Records excerpted from a collection
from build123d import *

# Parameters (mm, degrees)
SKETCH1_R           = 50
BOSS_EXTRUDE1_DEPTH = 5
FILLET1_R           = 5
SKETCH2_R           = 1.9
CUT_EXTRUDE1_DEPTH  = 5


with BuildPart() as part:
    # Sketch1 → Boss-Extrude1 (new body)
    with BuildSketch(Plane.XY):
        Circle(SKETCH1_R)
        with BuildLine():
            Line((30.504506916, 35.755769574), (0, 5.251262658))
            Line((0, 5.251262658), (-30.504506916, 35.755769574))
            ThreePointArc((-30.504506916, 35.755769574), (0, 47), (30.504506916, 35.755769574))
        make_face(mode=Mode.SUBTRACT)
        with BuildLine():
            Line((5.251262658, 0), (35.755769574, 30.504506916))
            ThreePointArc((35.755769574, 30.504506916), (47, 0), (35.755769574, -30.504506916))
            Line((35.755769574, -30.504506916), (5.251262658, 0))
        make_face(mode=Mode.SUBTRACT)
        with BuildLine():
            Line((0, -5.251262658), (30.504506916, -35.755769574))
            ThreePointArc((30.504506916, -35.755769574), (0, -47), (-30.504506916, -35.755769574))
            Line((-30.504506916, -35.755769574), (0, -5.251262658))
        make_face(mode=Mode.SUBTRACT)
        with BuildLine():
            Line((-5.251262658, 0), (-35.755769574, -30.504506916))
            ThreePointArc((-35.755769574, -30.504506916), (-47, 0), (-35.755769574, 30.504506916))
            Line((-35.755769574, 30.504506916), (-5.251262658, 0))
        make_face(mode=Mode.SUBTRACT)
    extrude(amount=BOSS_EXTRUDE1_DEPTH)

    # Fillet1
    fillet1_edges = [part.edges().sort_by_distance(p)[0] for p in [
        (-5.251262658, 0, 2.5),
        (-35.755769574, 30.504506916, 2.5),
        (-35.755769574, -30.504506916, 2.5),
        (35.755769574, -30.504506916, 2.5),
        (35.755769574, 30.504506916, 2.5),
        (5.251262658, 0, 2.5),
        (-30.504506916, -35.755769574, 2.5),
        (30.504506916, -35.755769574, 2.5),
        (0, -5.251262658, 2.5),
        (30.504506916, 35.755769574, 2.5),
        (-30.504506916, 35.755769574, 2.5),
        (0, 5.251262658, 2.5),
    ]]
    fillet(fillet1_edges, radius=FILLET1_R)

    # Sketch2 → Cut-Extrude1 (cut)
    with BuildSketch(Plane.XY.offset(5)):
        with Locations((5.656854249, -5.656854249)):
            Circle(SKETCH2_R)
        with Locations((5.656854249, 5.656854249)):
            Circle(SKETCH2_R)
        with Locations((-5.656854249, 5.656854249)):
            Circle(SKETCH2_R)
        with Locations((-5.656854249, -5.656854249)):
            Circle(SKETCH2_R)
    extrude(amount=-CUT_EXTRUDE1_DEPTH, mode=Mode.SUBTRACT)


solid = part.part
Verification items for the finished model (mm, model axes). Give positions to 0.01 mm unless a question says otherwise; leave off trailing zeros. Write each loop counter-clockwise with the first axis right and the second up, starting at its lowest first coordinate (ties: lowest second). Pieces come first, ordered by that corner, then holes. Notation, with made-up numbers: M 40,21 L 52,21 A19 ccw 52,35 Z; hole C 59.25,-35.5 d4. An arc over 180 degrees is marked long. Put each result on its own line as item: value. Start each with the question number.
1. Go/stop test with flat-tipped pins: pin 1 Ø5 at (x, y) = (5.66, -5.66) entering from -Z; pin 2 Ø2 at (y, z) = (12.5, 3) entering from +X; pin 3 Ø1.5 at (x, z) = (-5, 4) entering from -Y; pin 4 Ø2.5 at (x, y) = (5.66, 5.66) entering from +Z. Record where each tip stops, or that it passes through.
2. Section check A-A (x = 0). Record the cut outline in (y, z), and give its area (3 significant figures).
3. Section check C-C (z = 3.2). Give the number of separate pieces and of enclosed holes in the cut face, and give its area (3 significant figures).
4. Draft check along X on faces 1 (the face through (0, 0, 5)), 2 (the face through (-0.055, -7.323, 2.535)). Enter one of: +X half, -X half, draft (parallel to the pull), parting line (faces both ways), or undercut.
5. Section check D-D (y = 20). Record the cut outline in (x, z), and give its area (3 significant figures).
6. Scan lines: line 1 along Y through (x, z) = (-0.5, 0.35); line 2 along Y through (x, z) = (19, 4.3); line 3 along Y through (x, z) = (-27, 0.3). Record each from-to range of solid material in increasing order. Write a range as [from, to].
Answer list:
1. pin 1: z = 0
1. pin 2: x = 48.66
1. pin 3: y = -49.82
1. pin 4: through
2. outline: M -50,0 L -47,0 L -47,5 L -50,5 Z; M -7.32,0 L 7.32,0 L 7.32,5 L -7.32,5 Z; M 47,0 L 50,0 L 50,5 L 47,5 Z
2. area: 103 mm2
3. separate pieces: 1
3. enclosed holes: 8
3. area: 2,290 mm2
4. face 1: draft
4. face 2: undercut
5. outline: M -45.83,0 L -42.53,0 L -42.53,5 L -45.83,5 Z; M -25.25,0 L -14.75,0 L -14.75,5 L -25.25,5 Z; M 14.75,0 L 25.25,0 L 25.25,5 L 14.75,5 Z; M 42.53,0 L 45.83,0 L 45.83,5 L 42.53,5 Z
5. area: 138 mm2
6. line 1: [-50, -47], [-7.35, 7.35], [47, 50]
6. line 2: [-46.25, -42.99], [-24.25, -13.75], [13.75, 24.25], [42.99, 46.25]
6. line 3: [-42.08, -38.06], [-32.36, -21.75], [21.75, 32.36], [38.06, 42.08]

...

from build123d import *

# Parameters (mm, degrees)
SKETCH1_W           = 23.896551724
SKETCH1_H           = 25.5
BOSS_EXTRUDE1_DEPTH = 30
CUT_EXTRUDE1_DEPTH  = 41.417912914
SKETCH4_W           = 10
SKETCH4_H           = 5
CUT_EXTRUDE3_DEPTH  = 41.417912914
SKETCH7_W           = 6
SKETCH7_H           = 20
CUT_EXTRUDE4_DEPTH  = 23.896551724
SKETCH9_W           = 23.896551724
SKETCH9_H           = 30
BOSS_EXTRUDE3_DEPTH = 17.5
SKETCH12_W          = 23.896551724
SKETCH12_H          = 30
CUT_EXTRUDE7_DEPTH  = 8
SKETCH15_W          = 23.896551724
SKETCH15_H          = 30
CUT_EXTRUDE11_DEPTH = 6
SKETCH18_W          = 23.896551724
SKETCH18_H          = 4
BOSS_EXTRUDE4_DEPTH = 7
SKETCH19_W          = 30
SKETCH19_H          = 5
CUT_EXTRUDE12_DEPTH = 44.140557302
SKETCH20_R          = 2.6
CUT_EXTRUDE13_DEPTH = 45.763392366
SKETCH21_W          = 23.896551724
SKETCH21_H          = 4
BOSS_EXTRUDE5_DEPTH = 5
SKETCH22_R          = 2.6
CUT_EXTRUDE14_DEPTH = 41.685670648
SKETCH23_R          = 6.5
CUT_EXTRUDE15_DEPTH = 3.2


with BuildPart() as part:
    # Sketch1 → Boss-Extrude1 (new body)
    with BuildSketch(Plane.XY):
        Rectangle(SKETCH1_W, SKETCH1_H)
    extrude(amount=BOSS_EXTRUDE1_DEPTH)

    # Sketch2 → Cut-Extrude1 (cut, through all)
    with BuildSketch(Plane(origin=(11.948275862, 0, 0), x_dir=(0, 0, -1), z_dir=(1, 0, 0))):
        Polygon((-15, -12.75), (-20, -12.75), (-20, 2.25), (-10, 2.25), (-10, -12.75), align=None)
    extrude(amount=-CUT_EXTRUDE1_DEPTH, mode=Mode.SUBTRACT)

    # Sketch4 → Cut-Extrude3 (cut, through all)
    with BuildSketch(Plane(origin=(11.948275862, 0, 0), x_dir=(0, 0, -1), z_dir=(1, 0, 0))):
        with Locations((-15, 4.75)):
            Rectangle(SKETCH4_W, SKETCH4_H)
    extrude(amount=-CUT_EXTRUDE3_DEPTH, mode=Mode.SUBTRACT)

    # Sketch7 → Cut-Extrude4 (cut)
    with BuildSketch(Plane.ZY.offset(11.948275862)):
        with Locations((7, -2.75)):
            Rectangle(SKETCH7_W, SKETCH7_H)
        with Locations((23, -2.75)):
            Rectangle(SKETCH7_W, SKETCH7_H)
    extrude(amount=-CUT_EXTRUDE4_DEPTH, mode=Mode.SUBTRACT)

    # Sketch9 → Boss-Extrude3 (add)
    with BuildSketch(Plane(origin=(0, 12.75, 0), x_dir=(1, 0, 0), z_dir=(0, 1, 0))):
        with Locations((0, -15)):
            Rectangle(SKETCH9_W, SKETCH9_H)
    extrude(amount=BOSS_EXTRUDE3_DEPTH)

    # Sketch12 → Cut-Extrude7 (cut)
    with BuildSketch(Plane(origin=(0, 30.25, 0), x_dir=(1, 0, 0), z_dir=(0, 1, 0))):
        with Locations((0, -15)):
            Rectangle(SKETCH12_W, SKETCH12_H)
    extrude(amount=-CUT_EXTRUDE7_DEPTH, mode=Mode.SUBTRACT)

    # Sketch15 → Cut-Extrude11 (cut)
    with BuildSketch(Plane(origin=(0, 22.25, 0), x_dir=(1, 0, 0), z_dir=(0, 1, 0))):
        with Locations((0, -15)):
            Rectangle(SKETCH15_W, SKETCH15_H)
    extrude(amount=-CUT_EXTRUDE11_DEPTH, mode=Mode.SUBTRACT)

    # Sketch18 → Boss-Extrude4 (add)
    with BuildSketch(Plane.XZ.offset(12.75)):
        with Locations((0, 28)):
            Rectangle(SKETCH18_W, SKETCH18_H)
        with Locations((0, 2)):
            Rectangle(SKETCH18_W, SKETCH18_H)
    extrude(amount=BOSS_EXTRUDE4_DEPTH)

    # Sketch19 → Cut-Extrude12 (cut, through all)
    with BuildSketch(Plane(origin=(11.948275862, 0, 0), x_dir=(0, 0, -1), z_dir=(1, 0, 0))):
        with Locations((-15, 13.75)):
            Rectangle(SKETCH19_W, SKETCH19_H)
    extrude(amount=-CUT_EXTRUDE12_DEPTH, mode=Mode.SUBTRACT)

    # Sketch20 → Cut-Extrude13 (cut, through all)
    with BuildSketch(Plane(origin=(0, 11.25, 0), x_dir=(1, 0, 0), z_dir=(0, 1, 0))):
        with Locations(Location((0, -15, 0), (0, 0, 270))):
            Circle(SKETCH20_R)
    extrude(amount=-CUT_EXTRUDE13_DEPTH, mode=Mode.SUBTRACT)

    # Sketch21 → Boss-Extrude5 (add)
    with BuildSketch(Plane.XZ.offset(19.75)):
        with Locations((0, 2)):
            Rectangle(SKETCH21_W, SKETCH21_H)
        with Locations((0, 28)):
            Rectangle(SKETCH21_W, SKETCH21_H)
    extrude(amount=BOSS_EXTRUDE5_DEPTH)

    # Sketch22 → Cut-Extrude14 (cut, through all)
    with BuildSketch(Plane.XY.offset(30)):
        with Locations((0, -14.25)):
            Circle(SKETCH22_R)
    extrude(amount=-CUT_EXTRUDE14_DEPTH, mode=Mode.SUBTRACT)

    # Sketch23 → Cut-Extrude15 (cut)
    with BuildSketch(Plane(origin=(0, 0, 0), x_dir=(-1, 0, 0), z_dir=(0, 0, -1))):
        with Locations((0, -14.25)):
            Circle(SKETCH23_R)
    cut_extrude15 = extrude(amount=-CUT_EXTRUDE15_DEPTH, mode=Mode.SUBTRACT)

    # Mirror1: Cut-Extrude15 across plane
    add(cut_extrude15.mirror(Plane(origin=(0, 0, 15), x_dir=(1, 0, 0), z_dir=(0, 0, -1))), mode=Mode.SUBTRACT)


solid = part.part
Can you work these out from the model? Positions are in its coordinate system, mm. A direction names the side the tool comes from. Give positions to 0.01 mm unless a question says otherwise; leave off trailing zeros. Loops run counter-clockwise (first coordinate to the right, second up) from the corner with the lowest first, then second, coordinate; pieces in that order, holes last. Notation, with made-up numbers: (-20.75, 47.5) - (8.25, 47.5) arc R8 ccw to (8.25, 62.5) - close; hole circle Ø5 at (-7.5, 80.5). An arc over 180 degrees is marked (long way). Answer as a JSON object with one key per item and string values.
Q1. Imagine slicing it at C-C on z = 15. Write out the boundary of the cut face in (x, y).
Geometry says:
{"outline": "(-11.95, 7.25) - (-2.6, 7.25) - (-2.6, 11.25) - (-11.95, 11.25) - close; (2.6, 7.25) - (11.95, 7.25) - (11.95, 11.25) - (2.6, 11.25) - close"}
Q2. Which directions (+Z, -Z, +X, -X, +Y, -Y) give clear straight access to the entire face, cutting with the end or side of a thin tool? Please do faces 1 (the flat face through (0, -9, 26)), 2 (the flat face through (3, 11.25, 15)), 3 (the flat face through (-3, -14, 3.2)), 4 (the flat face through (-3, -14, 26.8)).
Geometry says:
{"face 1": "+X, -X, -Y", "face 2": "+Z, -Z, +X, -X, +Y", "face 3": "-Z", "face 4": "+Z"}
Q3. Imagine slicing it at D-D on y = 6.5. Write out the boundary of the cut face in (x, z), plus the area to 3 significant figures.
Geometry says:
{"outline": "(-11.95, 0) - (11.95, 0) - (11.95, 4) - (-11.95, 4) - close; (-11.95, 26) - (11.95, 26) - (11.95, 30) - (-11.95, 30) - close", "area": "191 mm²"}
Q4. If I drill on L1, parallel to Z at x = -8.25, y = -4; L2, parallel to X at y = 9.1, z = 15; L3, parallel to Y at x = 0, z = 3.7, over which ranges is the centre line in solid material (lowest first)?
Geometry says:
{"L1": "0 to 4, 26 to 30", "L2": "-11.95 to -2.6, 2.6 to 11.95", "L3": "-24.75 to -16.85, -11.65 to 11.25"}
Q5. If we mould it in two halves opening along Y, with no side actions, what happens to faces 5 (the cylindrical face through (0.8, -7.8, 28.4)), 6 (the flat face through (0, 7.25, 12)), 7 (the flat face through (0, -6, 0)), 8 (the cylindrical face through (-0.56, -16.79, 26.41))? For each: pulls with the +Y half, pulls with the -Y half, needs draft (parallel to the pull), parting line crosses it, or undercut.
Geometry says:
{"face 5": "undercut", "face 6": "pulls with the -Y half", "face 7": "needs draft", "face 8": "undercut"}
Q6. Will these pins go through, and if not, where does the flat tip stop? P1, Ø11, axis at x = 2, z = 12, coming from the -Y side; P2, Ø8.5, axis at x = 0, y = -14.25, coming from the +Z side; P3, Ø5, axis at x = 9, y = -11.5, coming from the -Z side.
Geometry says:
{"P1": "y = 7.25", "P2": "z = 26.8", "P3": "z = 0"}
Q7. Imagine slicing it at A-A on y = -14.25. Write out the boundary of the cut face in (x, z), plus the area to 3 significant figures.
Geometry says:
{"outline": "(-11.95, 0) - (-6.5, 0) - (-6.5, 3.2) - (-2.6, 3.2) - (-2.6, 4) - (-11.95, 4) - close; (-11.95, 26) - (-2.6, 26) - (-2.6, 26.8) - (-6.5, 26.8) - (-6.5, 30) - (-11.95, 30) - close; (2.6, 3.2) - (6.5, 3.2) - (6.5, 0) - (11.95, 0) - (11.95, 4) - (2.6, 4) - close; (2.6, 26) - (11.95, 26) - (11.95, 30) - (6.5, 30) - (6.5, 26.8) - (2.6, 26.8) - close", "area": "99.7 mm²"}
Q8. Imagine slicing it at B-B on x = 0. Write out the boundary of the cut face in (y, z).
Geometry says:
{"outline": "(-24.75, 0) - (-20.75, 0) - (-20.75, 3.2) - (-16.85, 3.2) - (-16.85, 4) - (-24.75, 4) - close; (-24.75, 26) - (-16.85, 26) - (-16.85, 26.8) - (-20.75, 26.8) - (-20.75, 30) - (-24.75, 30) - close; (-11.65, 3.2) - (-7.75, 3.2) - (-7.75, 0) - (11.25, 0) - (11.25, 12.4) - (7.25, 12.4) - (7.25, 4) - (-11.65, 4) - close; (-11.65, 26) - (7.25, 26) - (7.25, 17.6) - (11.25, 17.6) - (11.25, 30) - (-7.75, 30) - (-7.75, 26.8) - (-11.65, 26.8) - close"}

==

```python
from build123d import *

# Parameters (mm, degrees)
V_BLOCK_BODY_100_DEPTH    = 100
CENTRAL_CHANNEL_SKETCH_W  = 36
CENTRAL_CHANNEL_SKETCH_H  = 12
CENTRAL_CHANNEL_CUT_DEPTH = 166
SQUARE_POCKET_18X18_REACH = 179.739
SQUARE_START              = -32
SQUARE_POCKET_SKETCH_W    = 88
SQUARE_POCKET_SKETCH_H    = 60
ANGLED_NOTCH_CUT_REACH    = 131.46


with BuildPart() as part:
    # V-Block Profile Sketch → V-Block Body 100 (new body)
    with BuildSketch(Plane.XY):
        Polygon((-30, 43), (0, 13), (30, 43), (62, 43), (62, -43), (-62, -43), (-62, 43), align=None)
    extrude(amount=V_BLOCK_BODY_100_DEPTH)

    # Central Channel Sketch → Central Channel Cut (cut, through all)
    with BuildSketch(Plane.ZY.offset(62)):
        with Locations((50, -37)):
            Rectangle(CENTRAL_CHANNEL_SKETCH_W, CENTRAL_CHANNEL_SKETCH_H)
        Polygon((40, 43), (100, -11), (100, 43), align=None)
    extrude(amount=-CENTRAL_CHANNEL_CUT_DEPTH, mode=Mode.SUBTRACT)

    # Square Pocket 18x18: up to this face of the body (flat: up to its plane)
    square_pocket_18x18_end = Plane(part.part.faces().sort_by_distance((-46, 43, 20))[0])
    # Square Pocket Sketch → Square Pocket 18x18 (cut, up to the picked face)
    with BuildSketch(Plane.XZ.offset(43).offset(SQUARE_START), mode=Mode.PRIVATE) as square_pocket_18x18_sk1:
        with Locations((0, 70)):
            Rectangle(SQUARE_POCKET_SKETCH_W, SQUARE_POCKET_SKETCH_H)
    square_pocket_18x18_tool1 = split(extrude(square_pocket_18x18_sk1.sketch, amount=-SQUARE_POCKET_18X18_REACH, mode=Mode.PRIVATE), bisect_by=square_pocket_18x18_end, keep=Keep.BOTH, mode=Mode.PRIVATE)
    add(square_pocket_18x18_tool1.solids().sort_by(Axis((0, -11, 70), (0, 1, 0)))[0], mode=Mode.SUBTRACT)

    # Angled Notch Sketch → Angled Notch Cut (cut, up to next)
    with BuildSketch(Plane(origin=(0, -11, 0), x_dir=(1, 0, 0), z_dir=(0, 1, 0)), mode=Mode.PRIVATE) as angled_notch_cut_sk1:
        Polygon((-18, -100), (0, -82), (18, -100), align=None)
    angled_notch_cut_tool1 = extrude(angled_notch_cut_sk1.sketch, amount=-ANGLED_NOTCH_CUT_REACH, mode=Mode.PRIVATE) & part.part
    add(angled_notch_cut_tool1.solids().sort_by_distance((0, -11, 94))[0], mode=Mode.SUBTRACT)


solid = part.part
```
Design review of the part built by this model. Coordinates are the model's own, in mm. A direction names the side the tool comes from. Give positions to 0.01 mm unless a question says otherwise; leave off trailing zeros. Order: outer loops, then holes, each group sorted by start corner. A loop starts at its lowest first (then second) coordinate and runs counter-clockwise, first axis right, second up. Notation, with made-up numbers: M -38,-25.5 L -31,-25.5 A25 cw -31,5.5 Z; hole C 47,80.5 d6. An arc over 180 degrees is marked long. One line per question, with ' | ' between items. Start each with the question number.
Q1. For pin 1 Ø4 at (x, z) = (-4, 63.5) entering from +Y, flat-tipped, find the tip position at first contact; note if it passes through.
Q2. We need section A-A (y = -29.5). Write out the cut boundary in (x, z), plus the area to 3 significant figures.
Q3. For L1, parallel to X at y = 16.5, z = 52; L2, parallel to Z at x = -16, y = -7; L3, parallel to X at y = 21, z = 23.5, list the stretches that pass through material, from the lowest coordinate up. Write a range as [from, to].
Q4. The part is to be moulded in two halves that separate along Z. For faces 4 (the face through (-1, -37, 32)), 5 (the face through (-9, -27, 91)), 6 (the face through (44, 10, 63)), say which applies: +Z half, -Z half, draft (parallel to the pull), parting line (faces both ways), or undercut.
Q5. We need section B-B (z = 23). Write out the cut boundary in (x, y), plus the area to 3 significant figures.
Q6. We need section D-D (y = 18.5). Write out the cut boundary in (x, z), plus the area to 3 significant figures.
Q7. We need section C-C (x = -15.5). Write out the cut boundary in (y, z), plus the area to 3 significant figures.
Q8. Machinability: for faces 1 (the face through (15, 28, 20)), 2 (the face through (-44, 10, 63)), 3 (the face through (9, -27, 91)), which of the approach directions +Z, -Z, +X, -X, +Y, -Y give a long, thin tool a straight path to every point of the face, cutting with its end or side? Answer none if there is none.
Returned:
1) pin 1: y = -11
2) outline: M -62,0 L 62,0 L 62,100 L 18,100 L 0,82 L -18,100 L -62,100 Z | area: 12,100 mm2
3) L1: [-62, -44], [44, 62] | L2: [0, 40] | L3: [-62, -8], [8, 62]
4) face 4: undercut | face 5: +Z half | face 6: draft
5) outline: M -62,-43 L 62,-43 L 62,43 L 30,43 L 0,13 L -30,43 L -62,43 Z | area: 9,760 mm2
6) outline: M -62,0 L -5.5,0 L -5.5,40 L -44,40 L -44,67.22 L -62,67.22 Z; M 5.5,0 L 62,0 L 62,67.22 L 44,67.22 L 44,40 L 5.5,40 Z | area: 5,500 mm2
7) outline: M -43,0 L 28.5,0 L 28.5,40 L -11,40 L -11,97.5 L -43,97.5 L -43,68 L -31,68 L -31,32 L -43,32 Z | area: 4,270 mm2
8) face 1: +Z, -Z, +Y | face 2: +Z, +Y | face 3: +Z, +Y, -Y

### What the task asks
Would you print, exactly as written, every line above from the one holding "Q4. If I drill" through the one holding "to -2.6, 2.6", with both included and no other lines?

### Answer below
Q4. If I drill on L1, parallel to Z at x = -8.25, y = -4; L2, parallel to X at y = 9.1, z = 15; L3, parallel to Y at x = 0, z = 3.7, over which ranges is the centre line in solid material (lowest first)?
Geometry says:
{"L1": "0 to 4, 26 to 30", "L2": "-11.95 to -2.6, 2.6 to 11.95", "L3": "-24.75 to -16.85, -11.65 to 11.25"}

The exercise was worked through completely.